Entries provided.

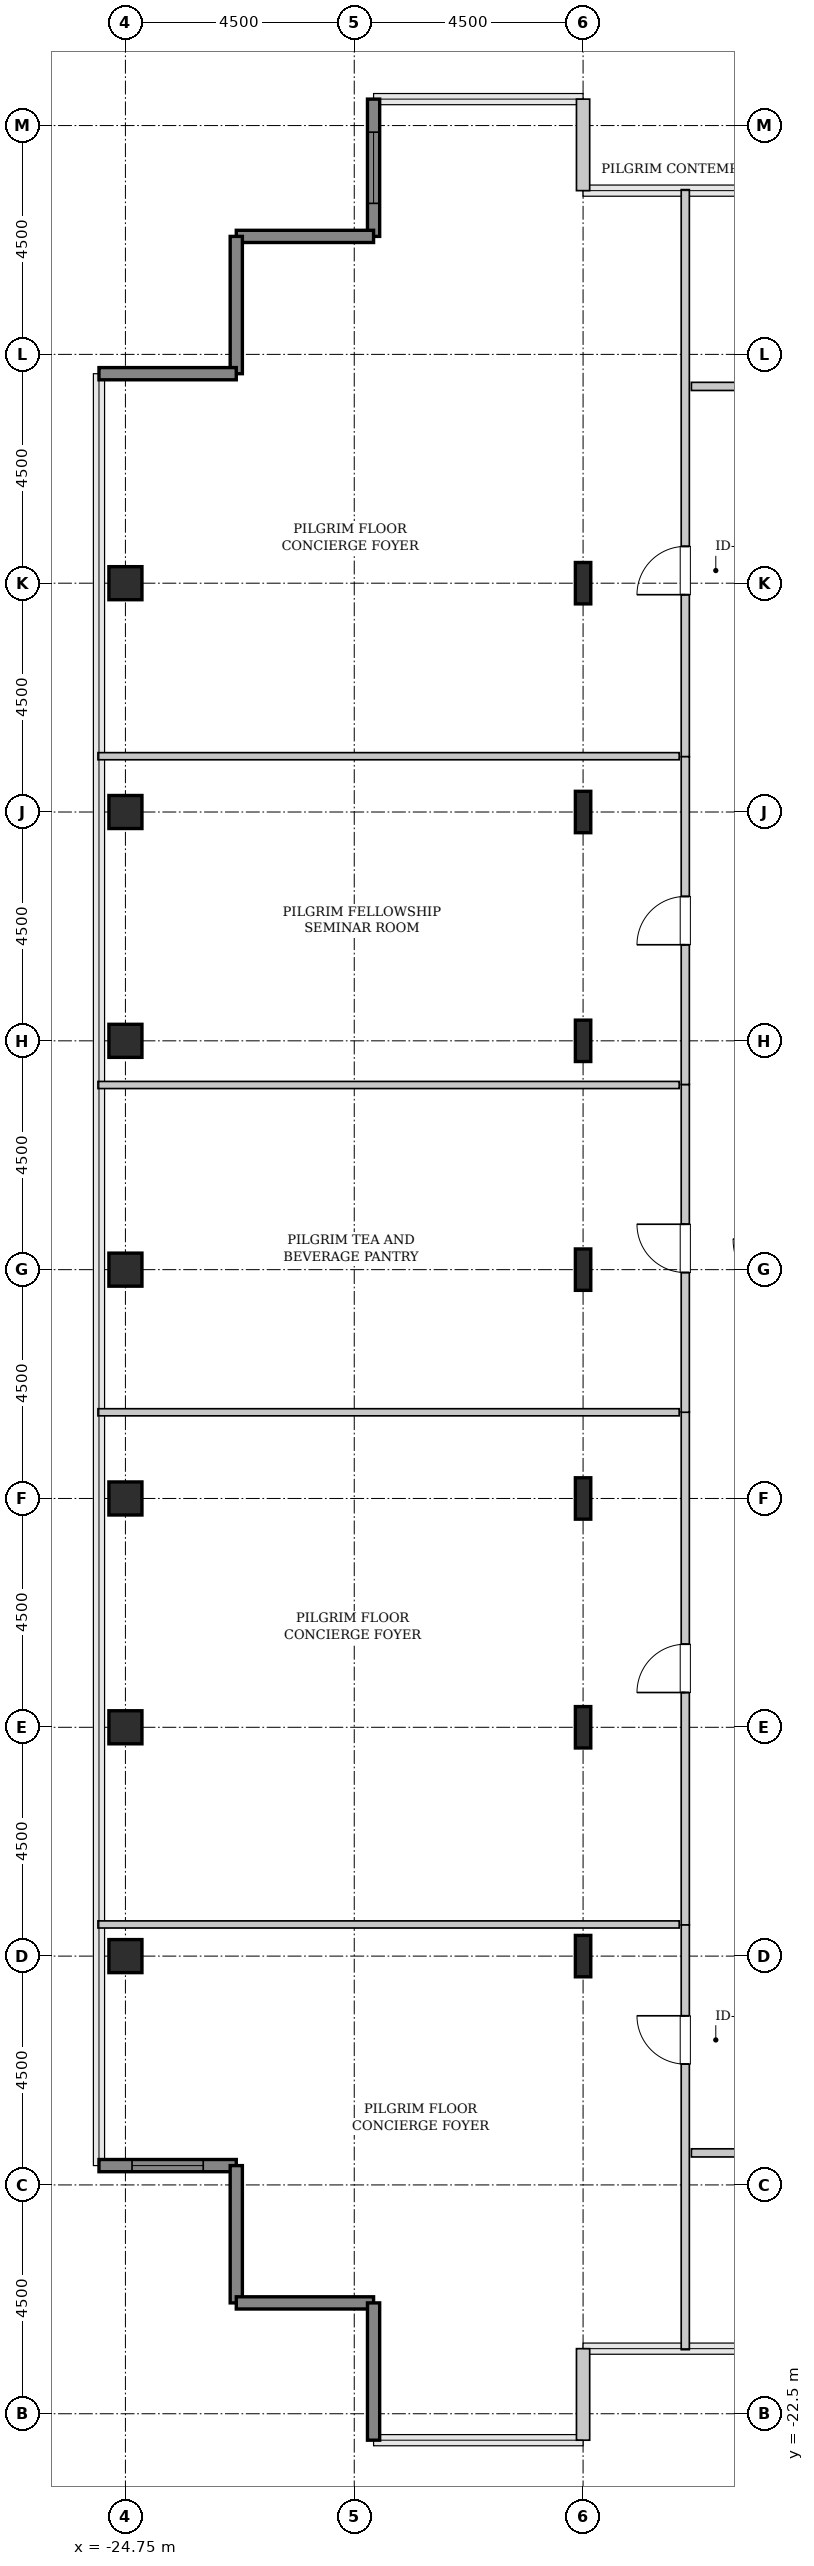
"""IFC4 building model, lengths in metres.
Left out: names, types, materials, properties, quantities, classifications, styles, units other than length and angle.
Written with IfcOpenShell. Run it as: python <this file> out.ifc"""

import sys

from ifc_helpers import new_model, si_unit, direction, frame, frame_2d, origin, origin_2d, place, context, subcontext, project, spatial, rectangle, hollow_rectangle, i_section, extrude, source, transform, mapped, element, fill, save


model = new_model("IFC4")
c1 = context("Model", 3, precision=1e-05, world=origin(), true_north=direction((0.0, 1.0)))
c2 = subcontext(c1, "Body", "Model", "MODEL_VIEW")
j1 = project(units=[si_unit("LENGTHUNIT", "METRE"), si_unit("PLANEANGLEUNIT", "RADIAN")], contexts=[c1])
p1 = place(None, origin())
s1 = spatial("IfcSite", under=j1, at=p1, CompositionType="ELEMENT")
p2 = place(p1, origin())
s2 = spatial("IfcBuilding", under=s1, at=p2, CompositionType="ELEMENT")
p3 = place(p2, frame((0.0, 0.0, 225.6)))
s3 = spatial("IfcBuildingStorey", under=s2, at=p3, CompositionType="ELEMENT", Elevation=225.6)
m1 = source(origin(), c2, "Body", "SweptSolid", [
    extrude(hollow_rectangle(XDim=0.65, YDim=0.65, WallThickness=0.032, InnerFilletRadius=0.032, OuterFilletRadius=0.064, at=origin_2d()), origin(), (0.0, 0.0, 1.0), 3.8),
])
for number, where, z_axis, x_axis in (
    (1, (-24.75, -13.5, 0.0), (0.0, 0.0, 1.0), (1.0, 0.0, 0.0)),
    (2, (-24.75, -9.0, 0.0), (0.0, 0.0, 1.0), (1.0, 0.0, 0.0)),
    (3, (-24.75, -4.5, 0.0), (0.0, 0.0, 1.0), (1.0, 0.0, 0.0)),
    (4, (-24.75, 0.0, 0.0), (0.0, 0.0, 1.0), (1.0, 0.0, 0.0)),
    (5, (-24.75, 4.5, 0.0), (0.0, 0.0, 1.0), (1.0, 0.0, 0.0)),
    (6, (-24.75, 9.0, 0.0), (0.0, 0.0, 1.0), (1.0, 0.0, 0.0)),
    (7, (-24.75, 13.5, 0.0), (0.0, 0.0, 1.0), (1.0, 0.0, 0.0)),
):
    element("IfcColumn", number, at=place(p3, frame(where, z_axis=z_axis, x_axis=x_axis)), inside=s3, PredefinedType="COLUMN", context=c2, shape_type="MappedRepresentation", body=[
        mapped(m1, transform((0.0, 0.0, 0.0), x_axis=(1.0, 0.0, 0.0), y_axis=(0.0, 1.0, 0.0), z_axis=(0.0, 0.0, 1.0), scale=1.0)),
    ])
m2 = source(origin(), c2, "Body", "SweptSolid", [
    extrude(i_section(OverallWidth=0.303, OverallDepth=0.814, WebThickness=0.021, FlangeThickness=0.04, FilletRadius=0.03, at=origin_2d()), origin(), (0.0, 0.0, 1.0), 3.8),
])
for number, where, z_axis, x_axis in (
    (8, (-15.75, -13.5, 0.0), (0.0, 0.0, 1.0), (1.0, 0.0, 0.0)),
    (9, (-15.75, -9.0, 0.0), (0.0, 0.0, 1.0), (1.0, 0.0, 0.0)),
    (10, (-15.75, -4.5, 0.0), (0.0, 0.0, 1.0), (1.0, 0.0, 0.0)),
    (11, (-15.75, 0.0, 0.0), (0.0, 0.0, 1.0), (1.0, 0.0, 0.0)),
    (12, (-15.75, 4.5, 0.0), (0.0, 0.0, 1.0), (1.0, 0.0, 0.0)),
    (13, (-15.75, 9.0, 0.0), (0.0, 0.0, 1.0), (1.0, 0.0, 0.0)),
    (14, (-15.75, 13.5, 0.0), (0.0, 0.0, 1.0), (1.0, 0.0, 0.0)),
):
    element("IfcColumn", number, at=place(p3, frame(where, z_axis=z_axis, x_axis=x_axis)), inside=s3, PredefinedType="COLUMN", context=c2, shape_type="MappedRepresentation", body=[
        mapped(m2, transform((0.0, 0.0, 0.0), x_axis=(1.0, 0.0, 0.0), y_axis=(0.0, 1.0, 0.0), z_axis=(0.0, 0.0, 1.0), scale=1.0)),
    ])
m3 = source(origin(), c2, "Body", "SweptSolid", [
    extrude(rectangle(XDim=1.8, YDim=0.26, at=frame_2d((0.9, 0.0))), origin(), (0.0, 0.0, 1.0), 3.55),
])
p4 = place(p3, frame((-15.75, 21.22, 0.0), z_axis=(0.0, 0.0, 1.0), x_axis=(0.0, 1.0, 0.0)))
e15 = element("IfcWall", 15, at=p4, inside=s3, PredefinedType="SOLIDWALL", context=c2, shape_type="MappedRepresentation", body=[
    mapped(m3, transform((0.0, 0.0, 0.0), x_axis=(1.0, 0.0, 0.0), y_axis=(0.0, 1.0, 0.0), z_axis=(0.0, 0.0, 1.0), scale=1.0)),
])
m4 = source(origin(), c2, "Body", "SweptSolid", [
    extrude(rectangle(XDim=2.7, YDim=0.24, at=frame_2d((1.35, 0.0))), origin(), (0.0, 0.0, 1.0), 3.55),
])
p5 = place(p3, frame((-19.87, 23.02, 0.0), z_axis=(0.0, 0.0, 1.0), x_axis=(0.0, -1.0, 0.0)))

What is being asked.
The response should hold exactly the lines starting at the line with "world=origin(), true_north=direction((0.0, 1.0)))" and ending at the line with "p3 = place(p2, frame((0.0, 0.0, 225.6)))", and no other line of the material above.

Solution for this task.
c1 = context("Model", 3, precision=1e-05, world=origin(), true_north=direction((0.0, 1.0)))
c2 = subcontext(c1, "Body", "Model", "MODEL_VIEW")
j1 = project(units=[si_unit("LENGTHUNIT", "METRE"), si_unit("PLANEANGLEUNIT", "RADIAN")], contexts=[c1])
p1 = place(None, origin())
s1 = spatial("IfcSite", under=j1, at=p1, CompositionType="ELEMENT")
p2 = place(p1, origin())
s2 = spatial("IfcBuilding", under=s1, at=p2, CompositionType="ELEMENT")
p3 = place(p2, frame((0.0, 0.0, 225.6)))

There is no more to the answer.